__Task goal__. What is needed is an exact repetition of the lines from the first one in the data through the line with "x_axis=(-1.0, 0.0, 0.0)))", with no pictures.

__Supplied records__.
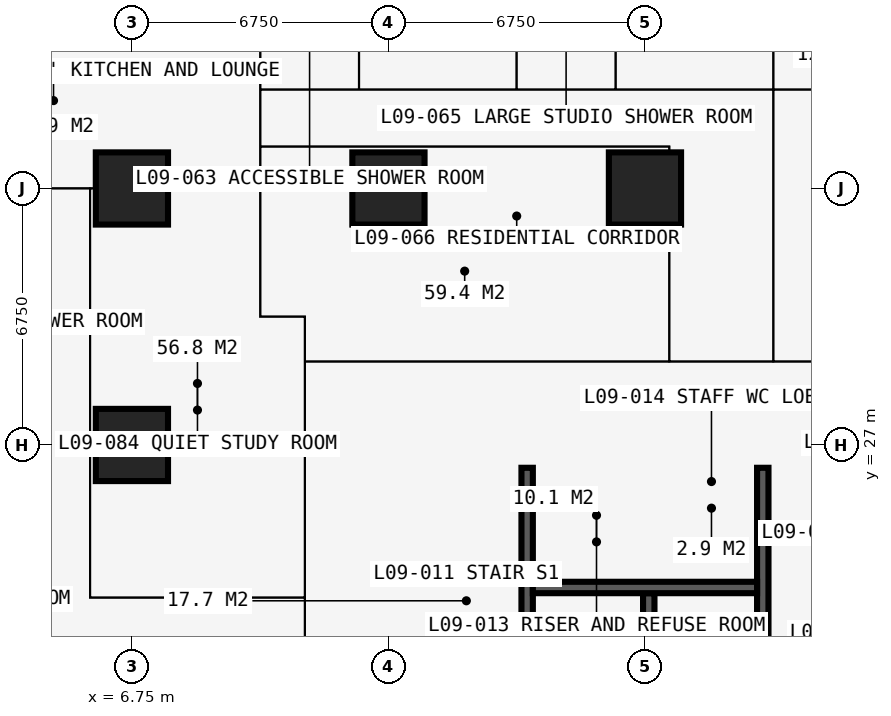
"""IFC4 building model, lengths in metres.
Left out: names, types, materials, properties, quantities, classifications, styles, units other than length and angle.
Written with IfcOpenShell. Run it as: python <this file> out.ifc"""

import sys

from ifc_helpers import new_model, si_unit, direction, frame, frame_2d, origin, origin_2d, place, context, subcontext, project, spatial, rectangle, extrude, element, fill, save


model = new_model("IFC4")
c1 = context("Model", 3, precision=1e-05, world=origin(), true_north=direction((0.0, 1.0)))
c2 = subcontext(c1, "Body", "Model", "MODEL_VIEW")
j1 = project(units=[si_unit("LENGTHUNIT", "METRE"), si_unit("PLANEANGLEUNIT", "RADIAN")], contexts=[c1])
p1 = place(None, origin())
s1 = spatial("IfcSite", under=j1, at=p1, CompositionType="ELEMENT")
p2 = place(p1, origin())
s2 = spatial("IfcBuilding", under=s1, at=p2, CompositionType="ELEMENT")
p3 = place(p2, frame((0.0, 0.0, 36.0)))
s3 = spatial("IfcBuildingStorey", under=s2, at=p3, CompositionType="ELEMENT", Elevation=36.0)
for number, where, z_axis, x_axis in (
    (1, (6.75, 27.0, 0.0), (0.0, 0.0, 1.0), (1.0, 0.0, 0.0)),
    (2, (6.75, 33.75, 0.0), (0.0, 0.0, 1.0), (1.0, 0.0, 0.0)),
    (3, (13.5, 33.75, 0.0), (0.0, 0.0, 1.0), (1.0, 0.0, 0.0)),
    (4, (20.25, 33.75, 0.0), (0.0, 0.0, 1.0), (1.0, 0.0, 0.0)),
):
    element("IfcColumn", number, at=place(p3, frame(where, z_axis=z_axis, x_axis=x_axis)), inside=s3, PredefinedType="COLUMN", context=c2, shape_type="SweptSolid", body=[
        extrude(rectangle(XDim=1.9, YDim=1.9, at=origin_2d()), origin(), (0.0, 0.0, 1.0), 3.6),
    ])
p4 = place(p3, frame((27.6, 27.0, 0.0), z_axis=(0.0, 0.0, 1.0), x_axis=(-1.0, 0.0, 0.0)))
e5 = element("IfcWall", 5, at=p4, inside=s3, PredefinedType="SHEAR", context=c2, shape_type="SweptSolid", body=[
    extrude(rectangle(XDim=14.7, YDim=1.2, at=frame_2d((7.35, 0.0))), origin(), (0.0, 0.0, 1.0), 3.6),
])
p5 = place(p4, frame((4.55, 0.0, 0.0)))
e6 = element("IfcOpeningElement", 6, at=p5, cuts=e5, PredefinedType="OPENING", context=c2, shape_type="SweptSolid", body=[
    extrude(rectangle(XDim=0.9, YDim=2.2, at=frame_2d((0.45, 1.1))), frame((0.0, 0.61, 0.0), z_axis=(0.0, -1.0, 0.0), x_axis=(1.0, 0.0, 0.0)), (0.0, 0.0, 1.0), 1.22),
])
p6 = place(p4, frame((7.525, 0.0, 0.0)))
e7 = element("IfcOpeningElement", 7, at=p6, cuts=e5, PredefinedType="OPENING", context=c2, shape_type="SweptSolid", body=[
    extrude(rectangle(XDim=1.0, YDim=2.2, at=frame_2d((0.5, 1.1))), frame((0.0, 0.61, 0.0), z_axis=(0.0, -1.0, 0.0), x_axis=(1.0, 0.0, 0.0)), (0.0, 0.0, 1.0), 1.22),
])
p7 = place(p3, frame((13.5, 26.4, 0.0), z_axis=(0.0, 0.0, 1.0), x_axis=(0.0, -1.0, 0.0)))
e8 = element("IfcWall", 8, at=p7, inside=s3, PredefinedType="SHEAR", context=c2, shape_type="SweptSolid", body=[
    extrude(rectangle(XDim=12.3, YDim=1.2, at=frame_2d((6.15, 0.0))), origin(), (0.0, 0.0, 1.0), 3.6),
])
p8 = place(p7, frame((7.45, 0.0, 0.0)))
e9 = element("IfcOpeningElement", 9, at=p8, cuts=e8, PredefinedType="OPENING", context=c2, shape_type="SweptSolid", body=[
    extrude(rectangle(XDim=1.2, YDim=2.2, at=frame_2d((0.6, 1.1))), frame((0.0, 0.61, 0.0), z_axis=(0.0, -1.0, 0.0), x_axis=(1.0, 0.0, 0.0)), (0.0, 0.0, 1.0), 1.22),
])
for number, where, z_axis, x_axis in (
    (10, (17.15, 20.3, 0.0), (0.0, 0.0, 1.0), (0.0, 1.0, 0.0)),
    (11, (23.35, 20.3, 0.0), (0.0, 0.0, 1.0), (0.0, 1.0, 0.0)),
):
    element("IfcWall", number, at=place(p3, frame(where, z_axis=z_axis, x_axis=x_axis)), inside=s3, PredefinedType="SHEAR", context=c2, shape_type="SweptSolid", body=[
        extrude(rectangle(XDim=6.1, YDim=0.3, at=frame_2d((3.05, 0.0))), origin(), (0.0, 0.0, 1.0), 3.6),
    ])
p9 = place(p3, frame((20.35, 20.3, 0.0), z_axis=(0.0, 0.0, 1.0), x_axis=(0.0, 1.0, 0.0)))
e12 = element("IfcWall", 12, at=p9, inside=s3, PredefinedType="SHEAR", context=c2, shape_type="SweptSolid", body=[
    extrude(rectangle(XDim=2.8, YDim=0.3, at=frame_2d((1.4, 0.0))), origin(), (0.0, 0.0, 1.0), 3.6),
])
p10 = place(p3, frame((17.3, 23.25, 0.0), z_axis=(0.0, 0.0, 1.0), x_axis=(1.0, 0.0, 0.0)))
e13 = element("IfcWall", 13, at=p10, inside=s3, PredefinedType="SHEAR", context=c2, shape_type="SweptSolid", body=[
    extrude(rectangle(XDim=5.9, YDim=0.3, at=frame_2d((2.95, 0.0))), origin(), (0.0, 0.0, 1.0), 3.6),
])
p11 = place(p3, frame((20.725, 23.4, 0.0), z_axis=(0.0, 0.0, 1.0), x_axis=(0.0, 1.0, 0.0)))
e14 = element("IfcWall", 14, at=p11, inside=s3, PredefinedType="PARTITIONING", context=c2, shape_type="SweptSolid", body=[
    extrude(rectangle(XDim=3.0, YDim=0.15, at=frame_2d((1.5, 0.0))), origin(), (0.0, 0.0, 1.0), 3.375),
])
p12 = place(p3, frame((20.8, 25.1, 0.0), z_axis=(0.0, 0.0, 1.0), x_axis=(1.0, 0.0, 0.0)))
e15 = element("IfcWall", 15, at=p12, inside=s3, PredefinedType="PARTITIONING", context=c2, shape_type="SweptSolid", body=[
    extrude(rectangle(XDim=2.4, YDim=0.15, at=frame_2d((1.2, 0.0))), origin(), (0.0, 0.0, 1.0), 3.375),
])
p13 = place(p12, frame((0.75, 0.0, 0.0)))
e16 = element("IfcOpeningElement", 16, at=p13, cuts=e15, PredefinedType="OPENING", context=c2, shape_type="SweptSolid", body=[
    extrude(rectangle(XDim=0.9, YDim=2.2, at=frame_2d((0.45, 1.1))), frame((0.0, 0.085, 0.0), z_axis=(0.0, -1.0, 0.0), x_axis=(1.0, 0.0, 0.0)), (0.0, 0.0, 1.0), 0.17),
])
p14 = place(p3, frame((4.15, 33.75, 0.0), z_axis=(0.0, 0.0, 1.0), x_axis=(1.0, 0.0, 0.0)))
e17 = element("IfcWall", 17, at=p14, inside=s3, PredefinedType="PARTITIONING", context=c2, shape_type="SweptSolid", body=[
    extrude(rectangle(XDim=5.975, YDim=0.15, at=frame_2d((2.988, 0.0))), origin(), (0.0, 0.0, 1.0), 2.877),
])
p15 = place(p3, frame((5.65, 22.988, 0.0), z_axis=(0.0, 0.0, 1.0), x_axis=(0.0, 1.0, 0.0)))
e18 = element("IfcWall", 18, at=p15, inside=s3, PredefinedType="PARTITIONING", context=c2, shape_type="SweptSolid", body=[
    extrude(rectangle(XDim=10.762, YDim=0.15, at=frame_2d((5.381, 0.0))), origin(), (0.0, 0.0, 1.0), 3.375),
])
p16 = place(p15, frame((5.0, 0.0, 0.0)))
e19 = element("IfcOpeningElement", 19, at=p16, cuts=e18, PredefinedType="OPENING", context=c2, shape_type="SweptSolid", body=[
    extrude(rectangle(XDim=0.95, YDim=2.2, at=frame_2d((0.475, 1.1))), frame((0.0, 0.085, 0.0), z_axis=(0.0, -1.0, 0.0), x_axis=(1.0, 0.0, 0.0)), (0.0, 0.0, 1.0), 0.17),
])
p17 = place(p3, frame((5.65, 22.988, 0.0), z_axis=(0.0, 0.0, 1.0), x_axis=(1.0, 0.0, 0.0)))
e20 = element("IfcWall", 20, at=p17, inside=s3, PredefinedType="PARTITIONING", context=c2, shape_type="SweptSolid", body=[
    extrude(rectangle(XDim=5.65, YDim=0.15, at=frame_2d((2.825, 0.0))), origin(), (0.0, 0.0, 1.0), 3.375),
])
p18 = place(p3, frame((10.125, 30.375, 0.0), z_axis=(0.0, 0.0, 1.0), x_axis=(0.0, 1.0, 0.0)))
e21 = element("IfcWall", 21, at=p18, inside=s3, PredefinedType="PARTITIONING", context=c2, shape_type="SweptSolid", body=[
    extrude(rectangle(XDim=10.859, YDim=0.15, at=frame_2d((5.429, 0.0))), origin(), (0.0, 0.0, 1.0), 3.375),
])
p19 = place(p18, frame((4.725, 0.0, 0.0)))
e22 = element("IfcOpeningElement", 22, at=p19, cuts=e21, PredefinedType="OPENING", context=c2, shape_type="SweptSolid", body=[
    extrude(rectangle(XDim=1.0, YDim=2.2, at=frame_2d((0.5, 1.1))), frame((0.0, 0.085, 0.0), z_axis=(0.0, -1.0, 0.0), x_axis=(1.0, 0.0, 0.0)), (0.0, 0.0, 1.0), 0.17),
])
p20 = place(p3, frame((10.125, 30.375, 0.0), z_axis=(0.0, 0.0, 1.0), x_axis=(1.0, 0.0, 0.0)))
e23 = element("IfcWall", 23, at=p20, inside=s3, PredefinedType="PARTITIONING", context=c2, shape_type="SweptSolid", body=[
    extrude(rectangle(XDim=1.175, YDim=0.15, at=frame_2d((0.587, 0.0))), origin(), (0.0, 0.0, 1.0), 3.375),
])
p21 = place(p3, frame((10.125, 34.85, 0.0), z_axis=(0.0, 0.0, 1.0), x_axis=(1.0, 0.0, 0.0)))
e24 = element("IfcWall", 24, at=p21, inside=s3, PredefinedType="PARTITIONING", context=c2, shape_type="SweptSolid", body=[
    extrude(rectangle(XDim=10.762, YDim=0.15, at=frame_2d((5.381, 0.0))), origin(), (0.0, 0.0, 1.0), 3.375),
])
p22 = place(p21, frame((4.9, 0.0, 0.0)))
e25 = element("IfcOpeningElement", 25, at=p22, cuts=e24, PredefinedType="OPENING", context=c2, shape_type="SweptSolid", body=[
    extrude(rectangle(XDim=0.95, YDim=2.2, at=frame_2d((0.475, 1.1))), frame((0.0, 0.085, 0.0), z_axis=(0.0, -1.0, 0.0), x_axis=(1.0, 0.0, 0.0)), (0.0, 0.0, 1.0), 0.17),
])
p23 = place(p3, frame((10.125, 36.35, 0.0), z_axis=(0.0, 0.0, 1.0), x_axis=(1.0, 0.0, 0.0)))
e26 = element("IfcWall", 26, at=p23, inside=s3, PredefinedType="PARTITIONING", context=c2, shape_type="SweptSolid", body=[
    extrude(rectangle(XDim=23.625, YDim=0.15, at=frame_2d((11.812, 0.0))), origin(), (0.0, 0.0, 1.0), 3.375),
])
p24 = place(p23, frame((20.5, 0.0, 0.0)))
e27 = element("IfcOpeningElement", 27, at=p24, cuts=e26, PredefinedType="OPENING", context=c2, shape_type="SweptSolid", body=[
    extrude(rectangle(XDim=0.95, YDim=2.2, at=frame_2d((0.475, 1.1))), frame((0.0, 0.085, 0.0), z_axis=(0.0, -1.0, 0.0), x_axis=(1.0, 0.0, 0.0)), (0.0, 0.0, 1.0), 0.17),
])
p25 = place(p23, frame((17.125, 0.0, 0.0)))
e28 = element("IfcOpeningElement", 28, at=p25, cuts=e26, PredefinedType="OPENING", context=c2, shape_type="SweptSolid", body=[
    extrude(rectangle(XDim=0.95, YDim=2.2, at=frame_2d((0.475, 1.1))), frame((0.0, 0.085, 0.0), z_axis=(0.0, -1.0, 0.0), x_axis=(1.0, 0.0, 0.0)), (0.0, 0.0, 1.0), 0.17),
])
p26 = place(p23, frame((13.7, 0.0, 0.0)))
e29 = element("IfcOpeningElement", 29, at=p26, cuts=e26, PredefinedType="OPENING", context=c2, shape_type="SweptSolid", body=[
    extrude(rectangle(XDim=0.95, YDim=2.2, at=frame_2d((0.475, 1.1))), frame((0.0, 0.085, 0.0), z_axis=(0.0, -1.0, 0.0), x_axis=(1.0, 0.0, 0.0)), (0.0, 0.0, 1.0), 0.17),
])
p27 = place(p23, frame((4.2, 0.0, 0.0)))
e30 = element("IfcOpeningElement", 30, at=p27, cuts=e26, PredefinedType="OPENING", context=c2, shape_type="SweptSolid", body=[
    extrude(rectangle(XDim=0.95, YDim=2.2, at=frame_2d((0.475, 1.1))), frame((0.0, 0.085, 0.0), z_axis=(0.0, -1.0, 0.0), x_axis=(1.0, 0.0, 0.0)), (0.0, 0.0, 1.0), 0.17),
])
p28 = place(p23, frame((10.95, 0.0, 0.0)))
e31 = element("IfcOpeningElement", 31, at=p28, cuts=e26, PredefinedType="OPENING", context=c2, shape_type="SweptSolid", body=[
    extrude(rectangle(XDim=0.95, YDim=2.2, at=frame_2d((0.475, 1.1))), frame((0.0, 0.085, 0.0), z_axis=(0.0, -1.0, 0.0), x_axis=(1.0, 0.0, 0.0)), (0.0, 0.0, 1.0), 0.17),
])
p29 = place(p3, frame((11.3, 11.3, 0.0), z_axis=(0.0, 0.0, 1.0), x_axis=(0.0, 1.0, 0.0)))
e32 = element("IfcWall", 32, at=p29, inside=s3, PredefinedType="PARTITIONING", context=c2, shape_type="SweptSolid", body=[
    extrude(rectangle(XDim=19.075, YDim=0.15, at=frame_2d((9.538, 0.0))), origin(), (0.0, 0.0, 1.0), 3.375),
])
p30 = place(p29, frame((10.137, 0.0, 0.0)))
e33 = element("IfcOpeningElement", 33, at=p30, cuts=e32, PredefinedType="OPENING", context=c2, shape_type="SweptSolid", body=[
    extrude(rectangle(XDim=1.0, YDim=2.2, at=frame_2d((0.5, 1.1))), frame((0.0, 0.085, 0.0), z_axis=(0.0, -1.0, 0.0), x_axis=(1.0, 0.0, 0.0)), (0.0, 0.0, 1.0), 0.17),
])
p31 = place(p3, frame((11.3, 29.2, 0.0), z_axis=(0.0, 0.0, 1.0), x_axis=(1.0, 0.0, 0.0)))
e34 = element("IfcWall", 34, at=p31, inside=s3, PredefinedType="PARTITIONING", context=c2, shape_type="SweptSolid", body=[
    extrude(rectangle(XDim=19.075, YDim=0.15, at=frame_2d((9.538, 0.0))), origin(), (0.0, 0.0, 1.0), 3.375),
])
p32 = place(p31, frame((12.875, 0.0, 0.0)))
e35 = element("IfcOpeningElement", 35, at=p32, cuts=e34, PredefinedType="OPENING", context=c2, shape_type="SweptSolid", body=[
    extrude(rectangle(XDim=1.0, YDim=2.2, at=frame_2d((0.5, 1.1))), frame((0.0, 0.085, 0.0), z_axis=(0.0, -1.0, 0.0), x_axis=(1.0, 0.0, 0.0)), (0.0, 0.0, 1.0), 0.17),
])
p33 = place(p31, frame((10.438, 0.0, 0.0)))
e36 = element("IfcOpeningElement", 36, at=p33, cuts=e34, PredefinedType="OPENING", context=c2, shape_type="SweptSolid", body=[
    extrude(rectangle(XDim=1.0, YDim=2.2, at=frame_2d((0.5, 1.1))), frame((0.0, 0.085, 0.0), z_axis=(0.0, -1.0, 0.0), x_axis=(1.0, 0.0, 0.0)), (0.0, 0.0, 1.0), 0.17),
])
p34 = place(p31, frame((14.875, 0.0, 0.0)))
e37 = element("IfcOpeningElement", 37, at=p34, cuts=e34, PredefinedType="OPENING", context=c2, shape_type="SweptSolid", body=[
    extrude(rectangle(XDim=0.95, YDim=2.2, at=frame_2d((0.475, 1.1))), frame((0.0, 0.085, 0.0), z_axis=(0.0, -1.0, 0.0), x_axis=(1.0, 0.0, 0.0)), (0.0, 0.0, 1.0), 0.17),
])
p35 = place(p3, frame((12.725, 36.35, 0.0), z_axis=(0.0, 0.0, 1.0), x_axis=(0.0, 1.0, 0.0)))
e38 = element("IfcWall", 38, at=p35, inside=s3, PredefinedType="PARTITIONING", context=c2, shape_type="SweptSolid", body=[
    extrude(rectangle(XDim=2.4, YDim=0.1, at=frame_2d((1.2, 0.0))), origin(), (0.0, 0.0, 1.0), 3.375),
])
p36 = place(p3, frame((16.875, 36.35, 0.0), z_axis=(0.0, 0.0, 1.0), x_axis=(0.0, 1.0, 0.0)))
e39 = element("IfcWall", 39, at=p36, inside=s3, PredefinedType="PARTITIONING", context=c2, shape_type="SweptSolid", body=[
    extrude(rectangle(XDim=4.884, YDim=0.175, at=frame_2d((2.442, 0.0))), origin(), (0.0, 0.0, 1.0), 3.375),
])
p37 = place(p36, frame((0.75, 0.0, 0.0)))
e40 = element("IfcOpeningElement", 40, at=p37, cuts=e39, PredefinedType="OPENING", context=c2, shape_type="SweptSolid", body=[
    extrude(rectangle(XDim=0.9, YDim=2.2, at=frame_2d((0.45, 1.1))), frame((0.0, 0.097, 0.0), z_axis=(0.0, -1.0, 0.0), x_axis=(1.0, 0.0, 0.0)), (0.0, 0.0, 1.0), 0.195),
])
p38 = place(p3, frame((19.475, 36.35, 0.0), z_axis=(0.0, 0.0, 1.0), x_axis=(0.0, 1.0, 0.0)))
e41 = element("IfcWall", 41, at=p38, inside=s3, PredefinedType="PARTITIONING", context=c2, shape_type="SweptSolid", body=[
    extrude(rectangle(XDim=2.4, YDim=0.1, at=frame_2d((1.2, 0.0))), origin(), (0.0, 0.0, 1.0), 3.375),
])
p39 = place(p3, frame((20.887, 29.2, 0.0), z_axis=(0.0, 0.0, 1.0), x_axis=(0.0, 1.0, 0.0)))
e42 = element("IfcWall", 42, at=p39, inside=s3, PredefinedType="PARTITIONING", context=c2, shape_type="SweptSolid", body=[
    extrude(rectangle(XDim=5.65, YDim=0.15, at=frame_2d((2.825, 0.0))), origin(), (0.0, 0.0, 1.0), 3.375),
])
p40 = place(p3, frame((23.625, 29.2, 0.0), z_axis=(0.0, 0.0, 1.0), x_axis=(0.0, 1.0, 0.0)))
e43 = element("IfcWall", 43, at=p40, inside=s3, PredefinedType="PARTITIONING", context=c2, shape_type="SweptSolid", body=[
    extrude(rectangle(XDim=12.034, YDim=0.15, at=frame_2d((6.017, 0.0))), origin(), (0.0, 0.0, 1.0), 3.375),
])
p41 = place(p13, origin())
e44 = element("IfcDoor", 44, at=p41, inside=s3, OperationType="SINGLE_SWING_RIGHT", PredefinedType="DOOR", context=c2, shape_type="SweptSolid", body=[
    extrude(rectangle(XDim=0.9, YDim=2.2, at=frame_2d((0.45, 1.1))), frame((0.0, 0.025, 0.0), z_axis=(0.0, -1.0, 0.0), x_axis=(1.0, 0.0, 0.0)), (0.0, 0.0, 1.0), 0.05),
])
fill(e16, e44)
p42 = place(p5, origin())
e45 = element("IfcDoor", 45, at=p42, inside=s3, OperationType="SINGLE_SWING_LEFT", PredefinedType="DOOR", context=c2, shape_type="SweptSolid", body=[
    extrude(rectangle(XDim=0.9, YDim=2.2, at=frame_2d((0.45, 1.1))), frame((0.0, 0.4, 0.0), z_axis=(0.0, -1.0, 0.0), x_axis=(1.0, 0.0, 0.0)), (0.0, 0.0, 1.0), 0.8),
])
fill(e6, e45)
p43 = place(p6, origin())
e46 = element("IfcDoor", 46, at=p43, inside=s3, OperationType="SINGLE_SWING_LEFT", PredefinedType="DOOR", context=c2, shape_type="SweptSolid", body=[
    extrude(rectangle(XDim=1.0, YDim=2.2, at=frame_2d((0.5, 1.1))), frame((0.0, 0.025, 0.0), z_axis=(0.0, -1.0, 0.0), x_axis=(1.0, 0.0, 0.0)), (0.0, 0.0, 1.0), 0.05),
])
fill(e7, e46)
p44 = place(p26, origin())
e47 = element("IfcDoor", 47, at=p44, inside=s3, OperationType="SINGLE_SWING_LEFT", PredefinedType="DOOR", context=c2, shape_type="SweptSolid", body=[
    extrude(rectangle(XDim=0.95, YDim=2.2, at=frame_2d((0.475, 1.1))), frame((0.0, 0.025, 0.0), z_axis=(0.0, -1.0, 0.0), x_axis=(1.0, 0.0, 0.0)), (0.0, 0.0, 1.0), 0.05),
])
fill(e29, e47)
p45 = place(p32, origin())
e48 = element("IfcDoor", 48, at=p45, inside=s3, OperationType="SINGLE_SWING_LEFT", PredefinedType="DOOR", context=c2, shape_type="SweptSolid", body=[
    extrude(rectangle(XDim=1.0, YDim=2.2, at=frame_2d((0.5, 1.1))), frame((0.0, 0.025, 0.0), z_axis=(0.0, -1.0, 0.0), x_axis=(1.0, 0.0, 0.0)), (0.0, 0.0, 1.0), 0.05),
])
fill(e35, e48)
p46 = place(p27, origin())
e49 = element("IfcDoor", 49, at=p46, inside=s3, OperationType="SINGLE_SWING_LEFT", PredefinedType="DOOR", context=c2, shape_type="SweptSolid", body=[
    extrude(rectangle(XDim=0.95, YDim=2.2, at=frame_2d((0.475, 1.1))), frame((0.0, 0.025, 0.0), z_axis=(0.0, -1.0, 0.0), x_axis=(1.0, 0.0, 0.0)), (0.0, 0.0, 1.0), 0.05),
])
fill(e30, e49)
p47 = place(p28, origin())
e50 = element("IfcDoor", 50, at=p47, inside=s3, OperationType="SINGLE_SWING_LEFT", PredefinedType="DOOR", context=c2, shape_type="SweptSolid", body=[
    extrude(rectangle(XDim=0.95, YDim=2.2, at=frame_2d((0.475, 1.1))), frame((0.0, 0.025, 0.0), z_axis=(0.0, -1.0, 0.0), x_axis=(1.0, 0.0, 0.0)), (0.0, 0.0, 1.0), 0.05),
])
fill(e31, e50)
p48 = place(p37, origin())
e51 = element("IfcDoor", 51, at=p48, inside=s3, OperationType="SINGLE_SWING_RIGHT", PredefinedType="DOOR", context=c2, shape_type="SweptSolid", body=[
    extrude(rectangle(XDim=0.9, YDim=2.2, at=frame_2d((0.45, 1.1))), frame((0.0, 0.025, 0.0), z_axis=(0.0, -1.0, 0.0), x_axis=(1.0, 0.0, 0.0)), (0.0, 0.0, 1.0), 0.05),
])
fill(e40, e51)
p49 = place(p33, origin())
e52 = element("IfcDoor", 52, at=p49, inside=s3, OperationType="SINGLE_SWING_LEFT", PredefinedType="DOOR", context=c2, shape_type="SweptSolid", body=[
    extrude(rectangle(XDim=1.0, YDim=2.2, at=frame_2d((0.5, 1.1))), frame((0.0, 0.025, 0.0), z_axis=(0.0, -1.0, 0.0), x_axis=(1.0, 0.0, 0.0)), (0.0, 0.0, 1.0), 0.05),
])
fill(e36, e52)
p50 = place(p22, origin())
e53 = element("IfcDoor", 53, at=p50, inside=s3, OperationType="SINGLE_SWING_LEFT", PredefinedType="DOOR", context=c2, shape_type="SweptSolid", body=[
    extrude(rectangle(XDim=0.95, YDim=2.2, at=frame_2d((0.475, 1.1))), frame((0.0, 0.025, 0.0), z_axis=(0.0, -1.0, 0.0), x_axis=(1.0, 0.0, 0.0)), (0.0, 0.0, 1.0), 0.05),
])
fill(e25, e53)
p51 = place(p19, origin())
e54 = element("IfcDoor", 54, at=p51, inside=s3, OperationType="SINGLE_SWING_LEFT", PredefinedType="DOOR", context=c2, shape_type="SweptSolid", body=[
    extrude(rectangle(XDim=1.0, YDim=2.2, at=frame_2d((0.5, 1.1))), frame((0.0, 0.025, 0.0), z_axis=(0.0, -1.0, 0.0), x_axis=(1.0, 0.0, 0.0)), (0.0, 0.0, 1.0), 0.05),
])
fill(e22, e54)
p52 = place(p30, origin())
e55 = element("IfcDoor", 55, at=p52, inside=s3, OperationType="SINGLE_SWING_LEFT", PredefinedType="DOOR", context=c2, shape_type="SweptSolid", body=[
    extrude(rectangle(XDim=1.0, YDim=2.2, at=frame_2d((0.5, 1.1))), frame((0.0, 0.025, 0.0), z_axis=(0.0, -1.0, 0.0), x_axis=(1.0, 0.0, 0.0)), (0.0, 0.0, 1.0), 0.05),
])
fill(e33, e55)
p53 = place(p16, origin())
e56 = element("IfcDoor", 56, at=p53, inside=s3, OperationType="SINGLE_SWING_LEFT", PredefinedType="DOOR", context=c2, shape_type="SweptSolid", body=[
    extrude(rectangle(XDim=0.95, YDim=2.2, at=frame_2d((0.475, 1.1))), frame((0.0, 0.025, 0.0), z_axis=(0.0, -1.0, 0.0), x_axis=(1.0, 0.0, 0.0)), (0.0, 0.0, 1.0), 0.05),
])
fill(e19, e56)
save(model, sys.argv[1])

__Reply__.
"""IFC4 building model, lengths in metres.
Left out: names, types, materials, properties, quantities, classifications, styles, units other than length and angle.
Written with IfcOpenShell. Run it as: python <this file> out.ifc"""

import sys

from ifc_helpers import new_model, si_unit, direction, frame, frame_2d, origin, origin_2d, place, context, subcontext, project, spatial, rectangle, extrude, element, fill, save


model = new_model("IFC4")
c1 = context("Model", 3, precision=1e-05, world=origin(), true_north=direction((0.0, 1.0)))
c2 = subcontext(c1, "Body", "Model", "MODEL_VIEW")
j1 = project(units=[si_unit("LENGTHUNIT", "METRE"), si_unit("PLANEANGLEUNIT", "RADIAN")], contexts=[c1])
p1 = place(None, origin())
s1 = spatial("IfcSite", under=j1, at=p1, CompositionType="ELEMENT")
p2 = place(p1, origin())
s2 = spatial("IfcBuilding", under=s1, at=p2, CompositionType="ELEMENT")
p3 = place(p2, frame((0.0, 0.0, 36.0)))
s3 = spatial("IfcBuildingStorey", under=s2, at=p3, CompositionType="ELEMENT", Elevation=36.0)
for number, where, z_axis, x_axis in (
    (1, (6.75, 27.0, 0.0), (0.0, 0.0, 1.0), (1.0, 0.0, 0.0)),
    (2, (6.75, 33.75, 0.0), (0.0, 0.0, 1.0), (1.0, 0.0, 0.0)),
    (3, (13.5, 33.75, 0.0), (0.0, 0.0, 1.0), (1.0, 0.0, 0.0)),
    (4, (20.25, 33.75, 0.0), (0.0, 0.0, 1.0), (1.0, 0.0, 0.0)),
):
    element("IfcColumn", number, at=place(p3, frame(where, z_axis=z_axis, x_axis=x_axis)), inside=s3, PredefinedType="COLUMN", context=c2, shape_type="SweptSolid", body=[
        extrude(rectangle(XDim=1.9, YDim=1.9, at=origin_2d()), origin(), (0.0, 0.0, 1.0), 3.6),
    ])
p4 = place(p3, frame((27.6, 27.0, 0.0), z_axis=(0.0, 0.0, 1.0), x_axis=(-1.0, 0.0, 0.0)))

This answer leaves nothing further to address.